'''

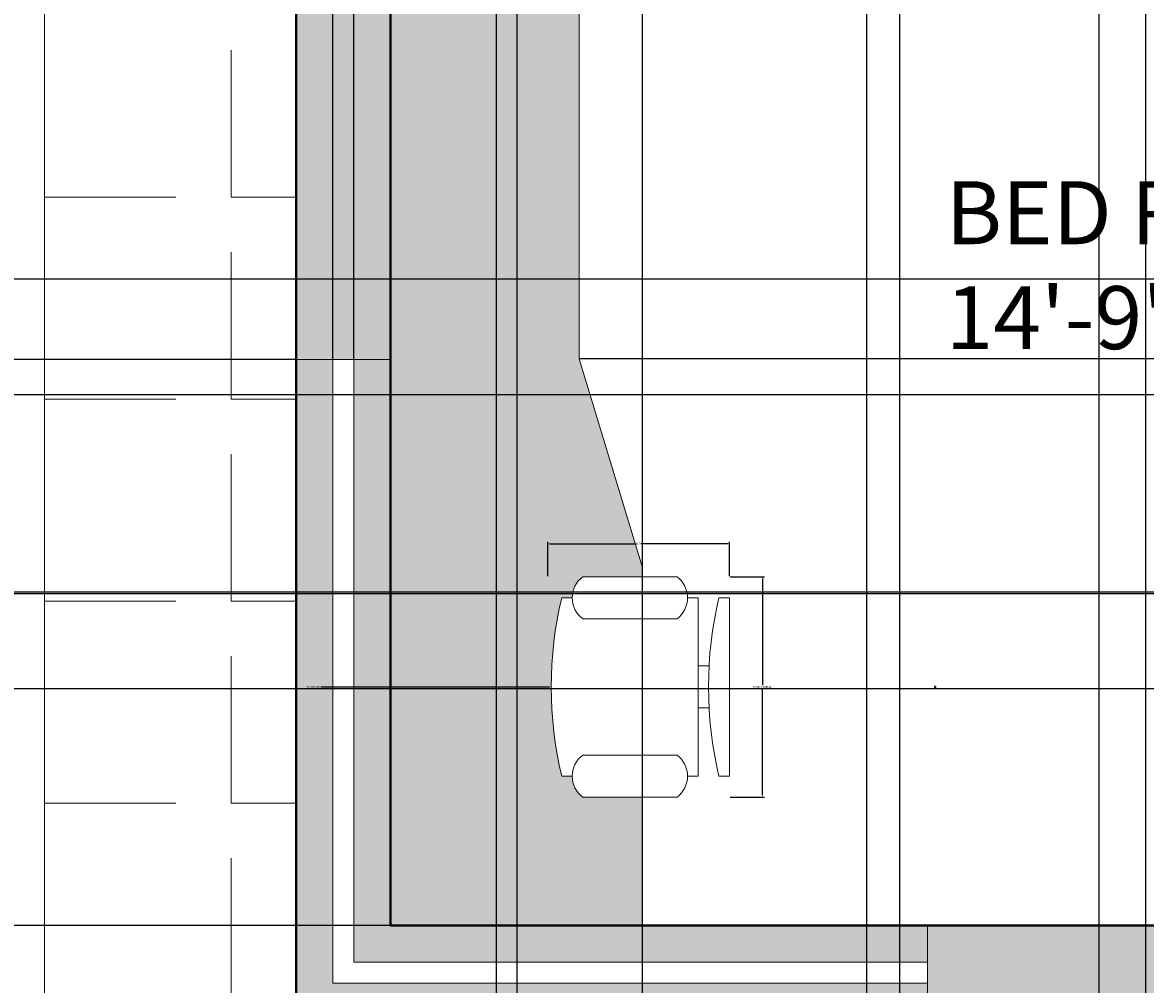
# Model space of a CAD drawing. Units: inches. Extents: x 818 to 1898, y 976 to 2364.
# Tile 21 of 96: x 1405 to 1512, y 1349 to 1441. Entities that reach past the tile are written whole.
import ezdxf

# ---------------------------------------------------------------- set-up
doc = ezdxf.new("R2010")
doc.units = ezdxf.units.IN
doc.header["$LTSCALE"] = 5
doc.header["$MEASUREMENT"] = 0
for name, color, linetype, lineweight in [('A-ANNO-DIMS', 2, 'Continuous', 18), ('A-AREA-IDEN', 7, 'Continuous', 18), ('A-FLOR-CASE', 8, 'Continuous', 18), ('A-FLOR-CASE-PATT', 33, 'Continuous', 9), ('A-FURN', 8, 'Continuous', 18), ('A-GLAZ', 4, 'Continuous', 18), ('A-WALL', 7, 'Continuous', 40), ('C-PKNG', 8, 'Continuous', 18), ('C-PKNG-PATT', 9, 'Continuous', 9)]:
    doc.layers.add(name, color=color, linetype=linetype, lineweight=lineweight)
doc.layers.add('A-GLAZ-PATT', color=141, linetype='Continuous', lineweight=9, true_color=0xadddf7)
doc.layers.add('A-WALL-PATT', color=251, linetype='Continuous', lineweight=13, true_color=0x636466)
doc.styles.get("Standard").update_dxf_attribs({"font": 'arial.ttf'})
doc.dimstyles.get("Standard").update_dxf_attribs({"dimtxt": 0.18, "dimasz": 0.18, "dimexe": 0.18, "dimexo": 0.0625, "dimgap": 0.09, "dimtad": 0, "dimtih": 1, "dimtoh": 1, "dimdec": 4, "dimzin": 0, "dimdsep": 46, "dimtxsty": 'Standard', "dimcen": 0.09, "dimadec": 0, "dimazin": 0, "dimtfac": 1, "dimtdec": 4, "dimtofl": 0, "dimtmove": 0, "dimatfit": 3, "dimfxl": 1, "dimtolj": 1, "dimtzin": 0, "dimarcsym": 0})
pattern_1 = [(0, (0, 0), (0, 19.25), [14, -5.25]), (90, (0, 0), (-19.25, 1e-15), [14, -5.25])]

# ---------------------------------------------------------------- blocks, each defined once
blk = doc.blocks.new('Chair - Desk')
for p, q in [((-8.5, 0), (-8.5, -1)), ((-8.5, 0), (8.5, 0)), ((8.5, 0), (8.5, -1)), ((-2, -3), (-2, -1.9355)), ((2, -1.9576), (2, -3)), ((-8.5, -3), (-8.5, -4)), ((-8.5, -3), (8.5, -3)), ((8.5, -3), (8.5, -4)), ((-10.5, -5), (-10.5, -14)), ((-6.5, -14), (-6.5, -5)), ((6.5, -5), (6.5, -14)), ((10.5, -14), (10.5, -5)), ((-8.5, -15), (-8.5, -16)), ((8.5, -15), (8.5, -16))]:
    blk.add_line(p, q)
for centre, radius, start, end in [((0, 34.625), 36.625, 256.5803, 283.4197), ((-8.5, -6.5), 2.5, 36.8699, 143.1301), ((8.5, -6.5), 2.5, 36.8699, 143.1301), ((-8.5, -12.5), 2.5, 216.8699, 323.1301), ((8.5, -12.5), 2.5, 216.8699, 323.1301), ((0, 19.625), 36.625, 256.5803, 283.4197)]:
    blk.add_arc(centre, radius, start, end)
blk = doc.blocks.new('*D54')
at = {"layer": 'A-ANNO-DIMS', "color": 0, "lineweight": -2, "ltscale": 5, "transparency": 16777216}
for p, q in [((1472.11, 1388.33), (1475.38, 1388.33)), ((1475.2, 1388.15), (1475.2, 1378.01)), ((1475.2, 1367.51), (1475.2, 1377.65)), ((1472.11, 1367.33), (1475.38, 1367.33))]:
    blk.add_line(p, q, dxfattribs=at)
at = {"layer": 'A-ANNO-DIMS', "color": 0, "ltscale": 5, "transparency": 16777216}
for points in [[(1475.17, 1388.15), (1475.23, 1388.15), (1475.2, 1388.33)], [(1475.17, 1367.51), (1475.23, 1367.51), (1475.2, 1367.33)]]:
    blk.add_solid(points, dxfattribs=at)
at = {"layer": 'Defpoints', "color": 0, "ltscale": 5, "transparency": 16777216}
for p in [(1472.05, 1388.33), (1472.05, 1367.33), (1475.2, 1367.33)]:
    blk.add_point(p, dxfattribs=at)
at = {"layer": 'A-ANNO-DIMS', "color": 0, "ltscale": 5, "transparency": 16777216, "insert": (1475.2, 1377.83), "char_height": 0.18, "attachment_point": 5}
blk.add_mtext('\\A1;DESK CHAIR 21', dxfattribs=at)
blk = doc.blocks.new('*D55')
at = {"layer": 'A-ANNO-DIMS', "color": 0, "lineweight": -2, "ltscale": 5, "transparency": 16777216}
for p, q in [((1454.71, 1388.39), (1454.71, 1391.66)), ((1454.89, 1391.48), (1463.17, 1391.48)), ((1471.87, 1391.48), (1463.59, 1391.48)), ((1472.05, 1388.39), (1472.05, 1391.66))]:
    blk.add_line(p, q, dxfattribs=at)
at = {"layer": 'A-ANNO-DIMS', "color": 0, "ltscale": 5, "transparency": 16777216}
for points in [[(1454.89, 1391.51), (1454.89, 1391.45), (1454.71, 1391.48)], [(1471.87, 1391.51), (1471.87, 1391.45), (1472.05, 1391.48)]]:
    blk.add_solid(points, dxfattribs=at)
at = {"layer": 'Defpoints', "color": 0, "ltscale": 5, "transparency": 16777216}
for p in [(1472.05, 1391.48), (1454.71, 1388.33), (1472.05, 1388.33)]:
    blk.add_point(p, dxfattribs=at)
at = {"layer": 'A-ANNO-DIMS', "color": 0, "ltscale": 5, "transparency": 16777216, "insert": (1463.38, 1391.48), "char_height": 0.18, "attachment_point": 5}
blk.add_mtext('\\A1;17', dxfattribs=at)
blk = doc.blocks.new('*D61')
at = {"layer": 'A-ANNO-DIMS', "color": 0, "lineweight": -2, "ltscale": 5, "transparency": 16777216}
for p, q in [((1071.73, 1203.03), (1071.73, 2363.87)), ((1430.73, 1203.03), (1430.73, 2363.87)), ((1071.91, 2363.69), (1250.94, 2363.69)), ((1430.55, 2363.69), (1251.51, 2363.69))]:
    blk.add_line(p, q, dxfattribs=at)
at = {"layer": 'A-ANNO-DIMS', "color": 0, "ltscale": 5, "transparency": 16777216}
for points in [[(1071.91, 2363.72), (1071.91, 2363.66), (1071.73, 2363.69)], [(1430.55, 2363.72), (1430.55, 2363.66), (1430.73, 2363.69)]]:
    blk.add_solid(points, dxfattribs=at)
at = {"layer": 'Defpoints', "color": 0, "ltscale": 5, "transparency": 16777216}
for p in [(1430.73, 2363.69), (1071.73, 1202.96), (1430.73, 1202.96)]:
    blk.add_point(p, dxfattribs=at)
at = {"layer": 'A-ANNO-DIMS', "color": 0, "ltscale": 5, "transparency": 16777216, "insert": (1251.23, 2363.69), "char_height": 0.18, "attachment_point": 5}
blk.add_mtext('\\A1;359', dxfattribs=at)
blk = doc.blocks.new('*D99')
at = {"layer": 'A-ANNO-DIMS', "color": 0, "lineweight": -2, "ltscale": 5, "transparency": 16777216}
for p, q in [((1391.88, 1071.12), (1391.88, 2363.87)), ((1449.82, 1071.12), (1449.82, 2363.87)), ((1392.06, 2363.69), (1420.45, 2363.69)), ((1449.64, 2363.69), (1421.24, 2363.69))]:
    blk.add_line(p, q, dxfattribs=at)
at = {"layer": 'A-ANNO-DIMS', "color": 0, "ltscale": 5, "transparency": 16777216}
for points in [[(1392.06, 2363.72), (1392.06, 2363.66), (1391.88, 2363.69)], [(1449.64, 2363.72), (1449.64, 2363.66), (1449.82, 2363.69)]]:
    blk.add_solid(points, dxfattribs=at)
at = {"layer": 'Defpoints', "color": 0, "ltscale": 5, "transparency": 16777216}
for p in [(1449.82, 2363.69), (1391.88, 1071.06), (1449.82, 1071.06)]:
    blk.add_point(p, dxfattribs=at)
at = {"layer": 'A-ANNO-DIMS', "color": 0, "ltscale": 5, "transparency": 16777216, "insert": (1420.85, 2363.69), "char_height": 0.18, "attachment_point": 5}
blk.add_mtext('\\A1;57.94', dxfattribs=at)
blk = doc.blocks.new('*D100')
at = {"layer": 'A-ANNO-DIMS', "color": 0, "lineweight": -2, "ltscale": 5, "transparency": 16777216}
for p, q in [((1449.82, 1071.12), (1449.82, 2363.87)), ((1507.3, 1071.12), (1507.3, 2363.87)), ((1450, 2363.69), (1478.17, 2363.69)), ((1507.12, 2363.69), (1478.95, 2363.69))]:
    blk.add_line(p, q, dxfattribs=at)
at = {"layer": 'A-ANNO-DIMS', "color": 0, "ltscale": 5, "transparency": 16777216}
for points in [[(1450, 2363.72), (1450, 2363.66), (1449.82, 2363.69)], [(1507.12, 2363.72), (1507.12, 2363.66), (1507.3, 2363.69)]]:
    blk.add_solid(points, dxfattribs=at)
at = {"layer": 'Defpoints', "color": 0, "ltscale": 5, "transparency": 16777216}
for p in [(1507.3, 2363.69), (1449.82, 1071.06), (1507.3, 1071.06)]:
    blk.add_point(p, dxfattribs=at)
at = {"layer": 'A-ANNO-DIMS', "color": 0, "ltscale": 5, "transparency": 16777216, "insert": (1478.56, 2363.69), "char_height": 0.18, "attachment_point": 5}
blk.add_mtext('\\A1;57.48', dxfattribs=at)
blk = doc.blocks.new('*D101')
at = {"layer": 'A-ANNO-DIMS', "color": 0, "lineweight": -2, "ltscale": 5, "transparency": 16777216}
for p, q in [((1507.3, 1071.12), (1507.3, 2363.87)), ((1565.48, 1071.12), (1565.48, 2363.87)), ((1507.48, 2363.69), (1536, 2363.69)), ((1565.3, 2363.69), (1536.78, 2363.69))]:
    blk.add_line(p, q, dxfattribs=at)
at = {"layer": 'A-ANNO-DIMS', "color": 0, "ltscale": 5, "transparency": 16777216}
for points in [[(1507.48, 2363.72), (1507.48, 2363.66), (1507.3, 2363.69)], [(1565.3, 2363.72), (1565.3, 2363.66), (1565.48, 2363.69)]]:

'''

**Your goal**. Filter the records above for lines with "blocks".

**Solution to the problem**.
# ---------------------------------------------------------------- blocks, each defined once
blk = doc.blocks.new('Chair - Desk')
blk = doc.blocks.new('*D54')
blk = doc.blocks.new('*D55')
blk = doc.blocks.new('*D61')
blk = doc.blocks.new('*D99')
blk = doc.blocks.new('*D100')
blk = doc.blocks.new('*D101')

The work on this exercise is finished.